● TASK
Only lines containing "IfcOpeningElement" belong in the answer, each copied from the entries below.
START DATA TO PROCESS
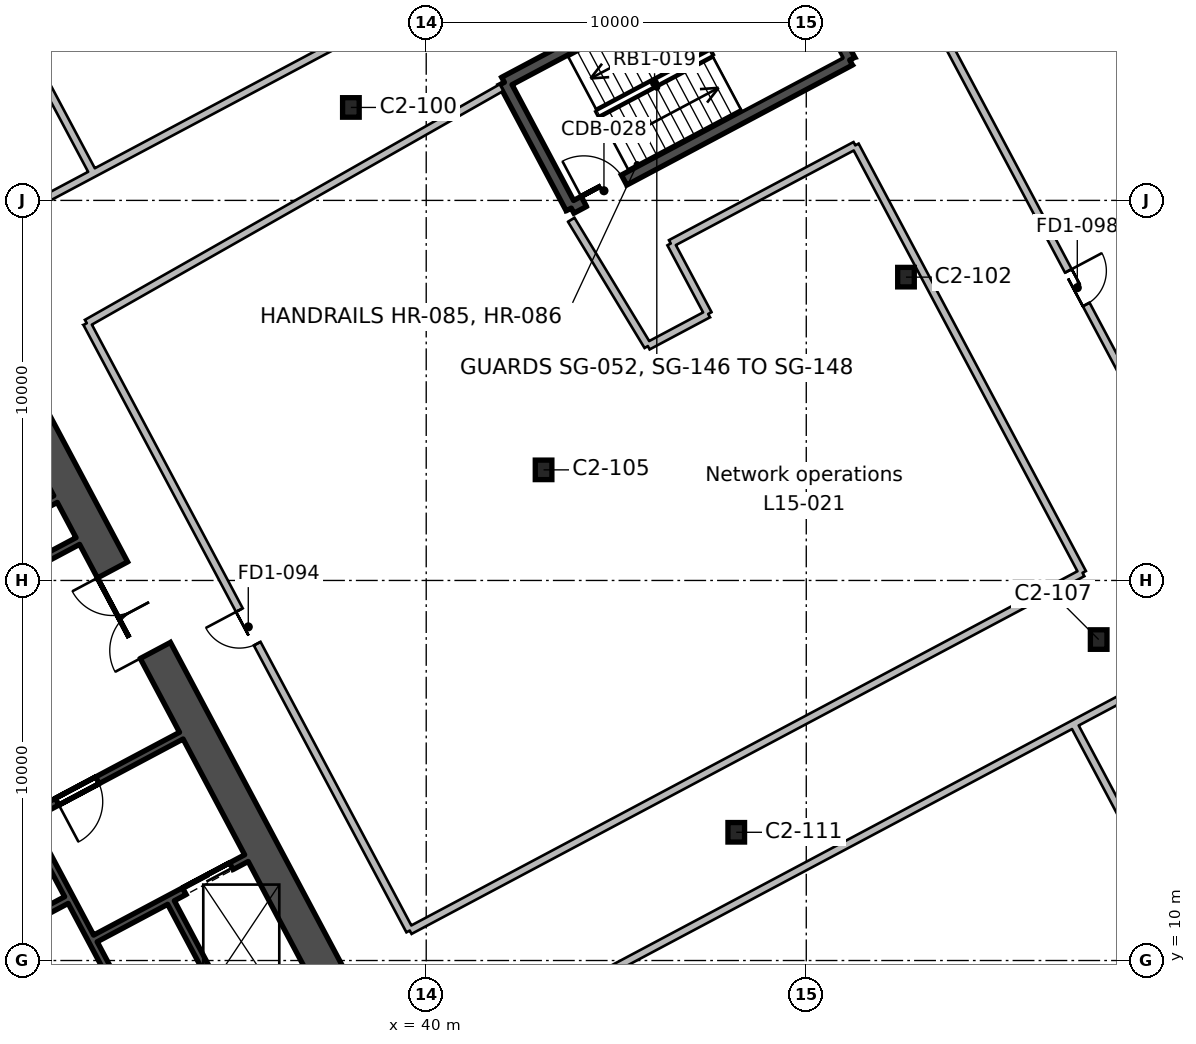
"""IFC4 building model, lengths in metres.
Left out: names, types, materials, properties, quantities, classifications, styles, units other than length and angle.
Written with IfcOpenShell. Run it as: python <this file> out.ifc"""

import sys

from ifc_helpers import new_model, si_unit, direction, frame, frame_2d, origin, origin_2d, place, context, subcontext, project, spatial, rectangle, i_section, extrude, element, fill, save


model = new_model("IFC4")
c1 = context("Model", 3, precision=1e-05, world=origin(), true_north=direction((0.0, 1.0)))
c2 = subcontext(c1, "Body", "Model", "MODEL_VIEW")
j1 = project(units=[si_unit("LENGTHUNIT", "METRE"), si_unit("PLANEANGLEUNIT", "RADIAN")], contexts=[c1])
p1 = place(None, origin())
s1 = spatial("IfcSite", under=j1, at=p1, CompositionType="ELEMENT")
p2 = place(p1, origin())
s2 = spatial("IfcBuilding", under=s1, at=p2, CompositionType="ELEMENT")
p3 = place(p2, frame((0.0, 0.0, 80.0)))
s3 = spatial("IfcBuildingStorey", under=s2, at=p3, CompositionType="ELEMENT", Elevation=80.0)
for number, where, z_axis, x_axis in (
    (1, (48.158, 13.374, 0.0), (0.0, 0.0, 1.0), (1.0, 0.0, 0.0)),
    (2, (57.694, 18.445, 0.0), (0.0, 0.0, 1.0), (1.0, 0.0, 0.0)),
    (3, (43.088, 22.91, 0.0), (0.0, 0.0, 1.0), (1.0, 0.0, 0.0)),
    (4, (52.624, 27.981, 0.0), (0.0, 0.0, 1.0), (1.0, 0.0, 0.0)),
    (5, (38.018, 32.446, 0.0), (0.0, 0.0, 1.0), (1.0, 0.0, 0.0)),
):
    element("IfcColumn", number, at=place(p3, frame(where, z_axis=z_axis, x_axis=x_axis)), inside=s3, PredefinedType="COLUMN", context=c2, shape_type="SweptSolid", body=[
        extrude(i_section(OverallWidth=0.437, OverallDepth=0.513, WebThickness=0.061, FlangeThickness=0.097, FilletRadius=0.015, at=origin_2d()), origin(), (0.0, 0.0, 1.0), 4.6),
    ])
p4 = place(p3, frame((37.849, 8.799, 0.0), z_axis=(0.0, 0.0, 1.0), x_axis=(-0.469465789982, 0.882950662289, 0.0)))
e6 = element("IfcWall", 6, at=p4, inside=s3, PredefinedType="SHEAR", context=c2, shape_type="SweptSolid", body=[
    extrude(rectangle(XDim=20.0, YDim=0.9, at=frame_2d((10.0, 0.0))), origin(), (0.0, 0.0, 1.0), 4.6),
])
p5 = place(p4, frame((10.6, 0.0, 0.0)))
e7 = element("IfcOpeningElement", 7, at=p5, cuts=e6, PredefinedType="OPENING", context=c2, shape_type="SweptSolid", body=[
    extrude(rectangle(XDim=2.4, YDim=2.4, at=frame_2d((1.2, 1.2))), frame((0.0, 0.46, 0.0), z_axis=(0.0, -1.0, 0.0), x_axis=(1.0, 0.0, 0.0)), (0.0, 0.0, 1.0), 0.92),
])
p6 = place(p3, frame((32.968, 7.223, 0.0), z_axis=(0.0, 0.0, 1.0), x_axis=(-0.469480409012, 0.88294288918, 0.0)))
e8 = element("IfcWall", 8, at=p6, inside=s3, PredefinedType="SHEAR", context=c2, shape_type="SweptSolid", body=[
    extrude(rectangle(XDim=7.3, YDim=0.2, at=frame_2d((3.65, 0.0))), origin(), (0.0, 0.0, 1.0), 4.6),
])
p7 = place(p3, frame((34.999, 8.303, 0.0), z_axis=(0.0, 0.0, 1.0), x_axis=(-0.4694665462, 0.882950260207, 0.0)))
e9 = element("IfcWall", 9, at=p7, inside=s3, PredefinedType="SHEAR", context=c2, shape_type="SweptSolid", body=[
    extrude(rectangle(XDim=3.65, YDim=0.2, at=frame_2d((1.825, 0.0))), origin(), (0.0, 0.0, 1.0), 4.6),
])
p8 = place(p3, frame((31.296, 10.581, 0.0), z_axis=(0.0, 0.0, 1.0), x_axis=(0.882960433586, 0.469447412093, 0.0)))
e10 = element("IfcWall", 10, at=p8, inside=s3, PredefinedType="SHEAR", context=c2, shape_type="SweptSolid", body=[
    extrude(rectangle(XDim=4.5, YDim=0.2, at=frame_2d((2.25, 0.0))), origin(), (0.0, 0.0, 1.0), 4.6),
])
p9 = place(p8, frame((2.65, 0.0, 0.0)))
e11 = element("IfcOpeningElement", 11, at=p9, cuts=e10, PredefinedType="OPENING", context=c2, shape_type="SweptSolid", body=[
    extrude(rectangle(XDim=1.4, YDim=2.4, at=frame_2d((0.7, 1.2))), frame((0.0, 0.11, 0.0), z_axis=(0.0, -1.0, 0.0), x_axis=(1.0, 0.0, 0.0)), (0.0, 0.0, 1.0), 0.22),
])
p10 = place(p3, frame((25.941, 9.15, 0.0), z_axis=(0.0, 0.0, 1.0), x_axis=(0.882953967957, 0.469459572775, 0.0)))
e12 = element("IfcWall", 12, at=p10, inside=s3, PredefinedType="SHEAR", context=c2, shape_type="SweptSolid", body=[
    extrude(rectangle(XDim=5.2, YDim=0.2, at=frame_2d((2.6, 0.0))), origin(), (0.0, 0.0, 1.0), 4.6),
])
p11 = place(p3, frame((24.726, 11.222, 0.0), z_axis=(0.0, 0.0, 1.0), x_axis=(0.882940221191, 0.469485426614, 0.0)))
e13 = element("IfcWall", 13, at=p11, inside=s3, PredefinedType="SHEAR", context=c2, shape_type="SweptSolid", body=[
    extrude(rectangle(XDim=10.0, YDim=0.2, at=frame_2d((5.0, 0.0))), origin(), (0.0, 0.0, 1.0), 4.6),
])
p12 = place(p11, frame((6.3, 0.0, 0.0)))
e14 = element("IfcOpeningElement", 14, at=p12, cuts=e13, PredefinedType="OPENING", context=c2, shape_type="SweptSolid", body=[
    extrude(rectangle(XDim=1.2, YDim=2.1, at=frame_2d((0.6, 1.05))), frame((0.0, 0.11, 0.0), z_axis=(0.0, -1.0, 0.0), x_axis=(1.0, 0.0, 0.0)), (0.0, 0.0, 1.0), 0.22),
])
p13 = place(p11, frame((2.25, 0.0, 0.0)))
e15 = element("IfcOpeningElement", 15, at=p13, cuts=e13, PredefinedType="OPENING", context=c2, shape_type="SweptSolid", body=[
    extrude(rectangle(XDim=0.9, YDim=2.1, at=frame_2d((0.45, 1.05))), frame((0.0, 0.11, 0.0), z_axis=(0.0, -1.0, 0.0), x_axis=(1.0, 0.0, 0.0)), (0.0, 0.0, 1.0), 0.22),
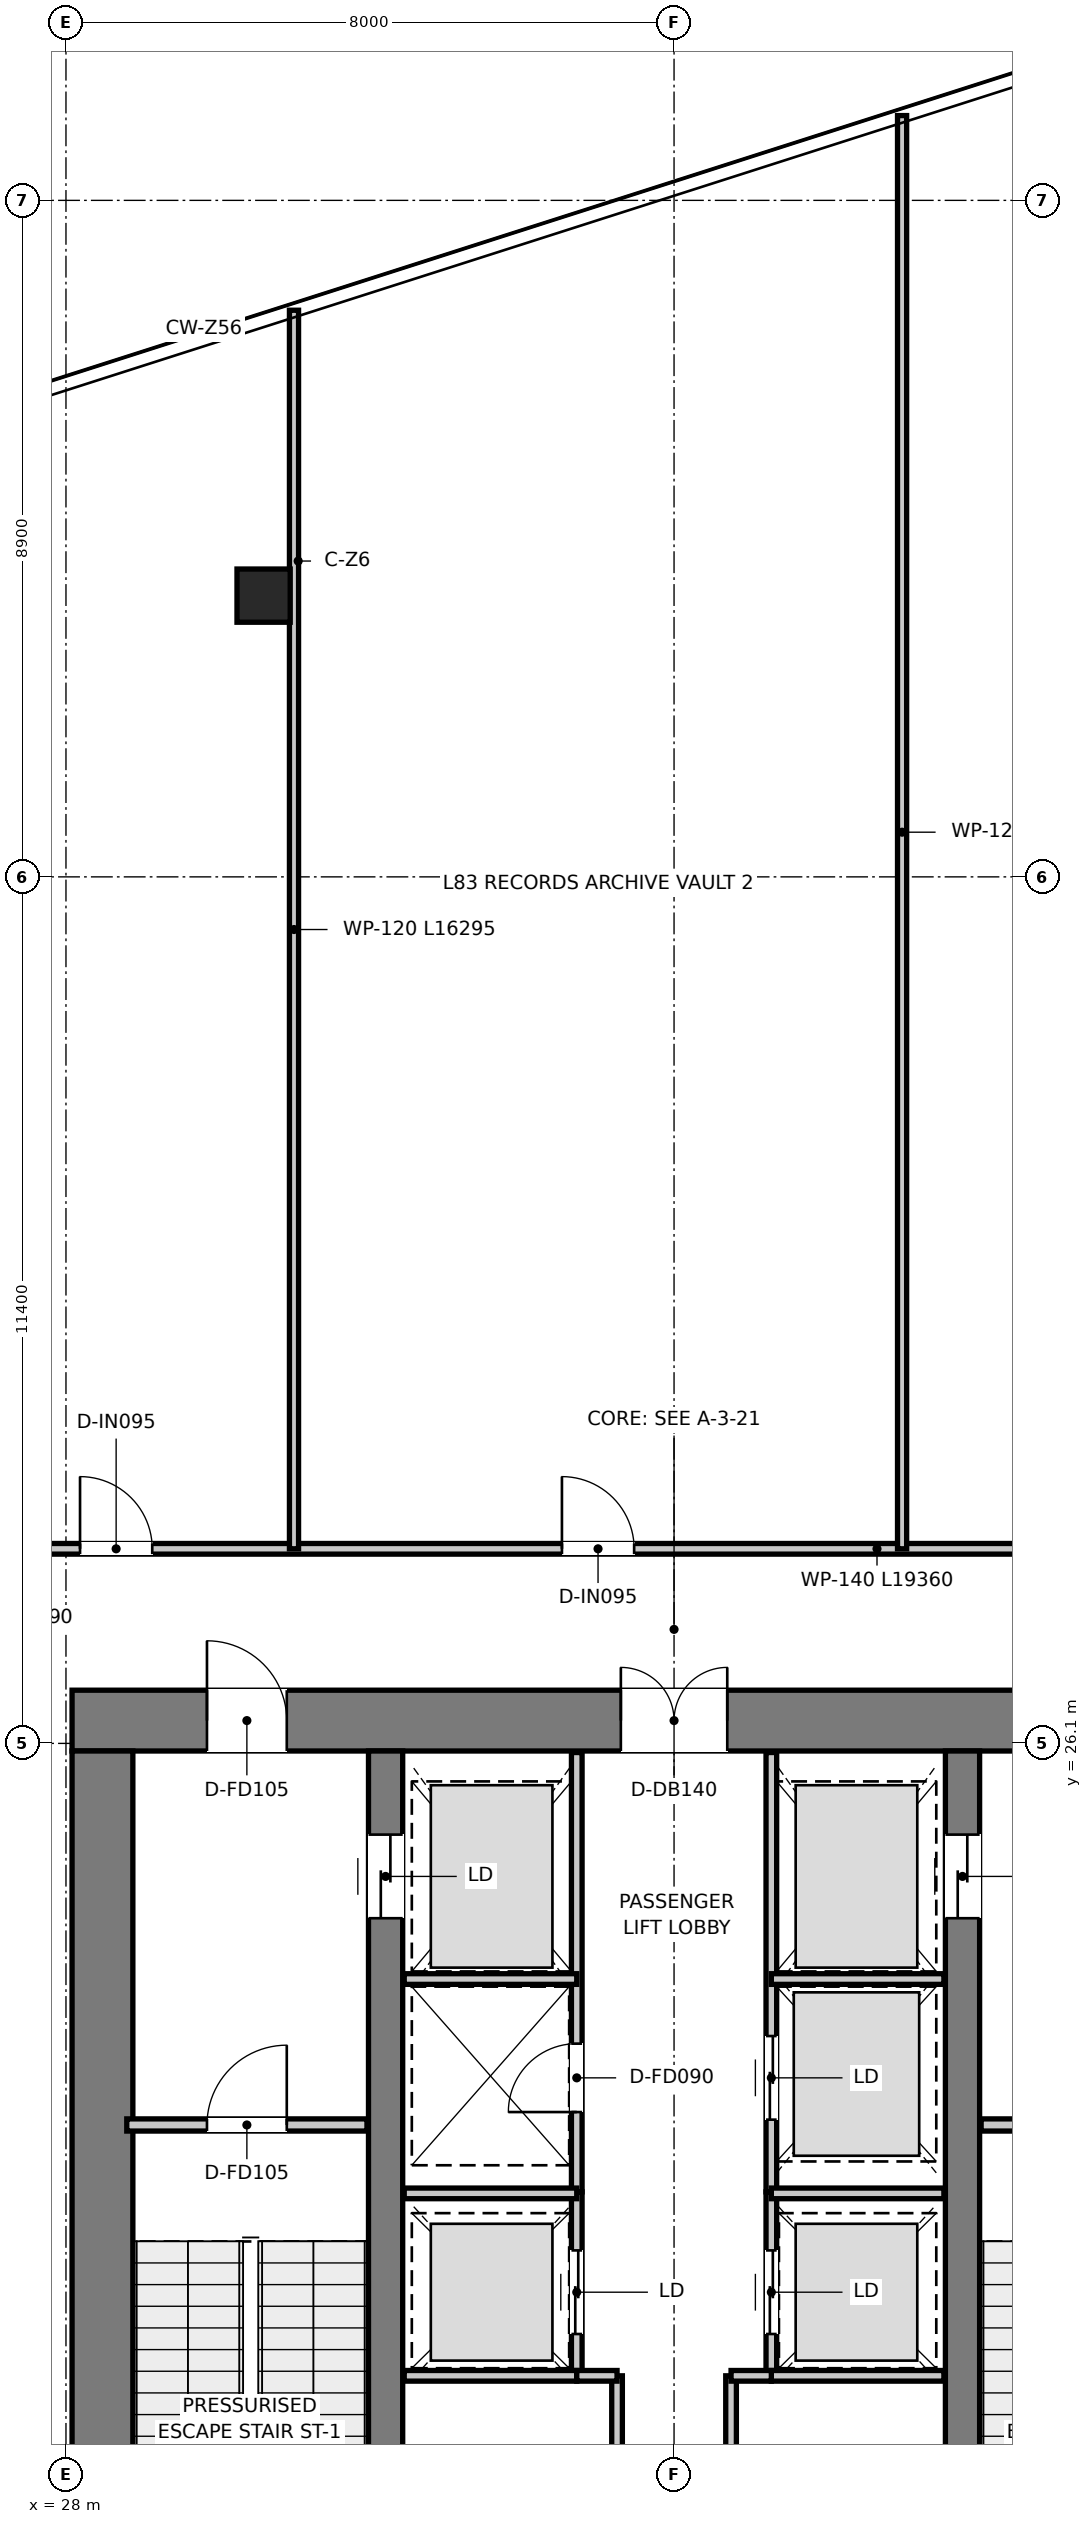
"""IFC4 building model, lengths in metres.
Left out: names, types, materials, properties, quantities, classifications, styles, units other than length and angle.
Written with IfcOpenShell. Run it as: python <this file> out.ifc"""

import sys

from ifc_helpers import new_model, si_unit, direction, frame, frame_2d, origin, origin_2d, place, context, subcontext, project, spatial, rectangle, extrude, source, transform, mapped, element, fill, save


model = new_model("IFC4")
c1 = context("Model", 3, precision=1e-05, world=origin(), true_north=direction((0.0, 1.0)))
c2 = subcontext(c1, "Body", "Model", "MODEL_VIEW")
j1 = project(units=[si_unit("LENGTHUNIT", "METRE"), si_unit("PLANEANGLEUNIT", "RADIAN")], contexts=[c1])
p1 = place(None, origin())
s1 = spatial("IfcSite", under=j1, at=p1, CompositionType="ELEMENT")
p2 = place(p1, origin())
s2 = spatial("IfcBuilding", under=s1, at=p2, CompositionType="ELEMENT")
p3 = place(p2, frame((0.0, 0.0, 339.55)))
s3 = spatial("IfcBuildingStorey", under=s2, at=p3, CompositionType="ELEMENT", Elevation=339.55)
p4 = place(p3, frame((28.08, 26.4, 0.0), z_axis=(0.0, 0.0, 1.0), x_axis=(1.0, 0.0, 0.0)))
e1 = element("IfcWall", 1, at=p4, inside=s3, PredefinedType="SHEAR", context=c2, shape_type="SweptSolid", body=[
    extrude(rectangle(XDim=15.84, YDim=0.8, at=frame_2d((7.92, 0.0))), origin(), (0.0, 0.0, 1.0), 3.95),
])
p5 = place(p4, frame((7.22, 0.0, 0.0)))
END DATA TO PROCESS
● EXPECTED ANSWER
e7 = element("IfcOpeningElement", 7, at=p5, cuts=e6, PredefinedType="OPENING", context=c2, shape_type="SweptSolid", body=[
e11 = element("IfcOpeningElement", 11, at=p9, cuts=e10, PredefinedType="OPENING", context=c2, shape_type="SweptSolid", body=[
e14 = element("IfcOpeningElement", 14, at=p12, cuts=e13, PredefinedType="OPENING", context=c2, shape_type="SweptSolid", body=[
e15 = element("IfcOpeningElement", 15, at=p13, cuts=e13, PredefinedType="OPENING", context=c2, shape_type="SweptSolid", body=[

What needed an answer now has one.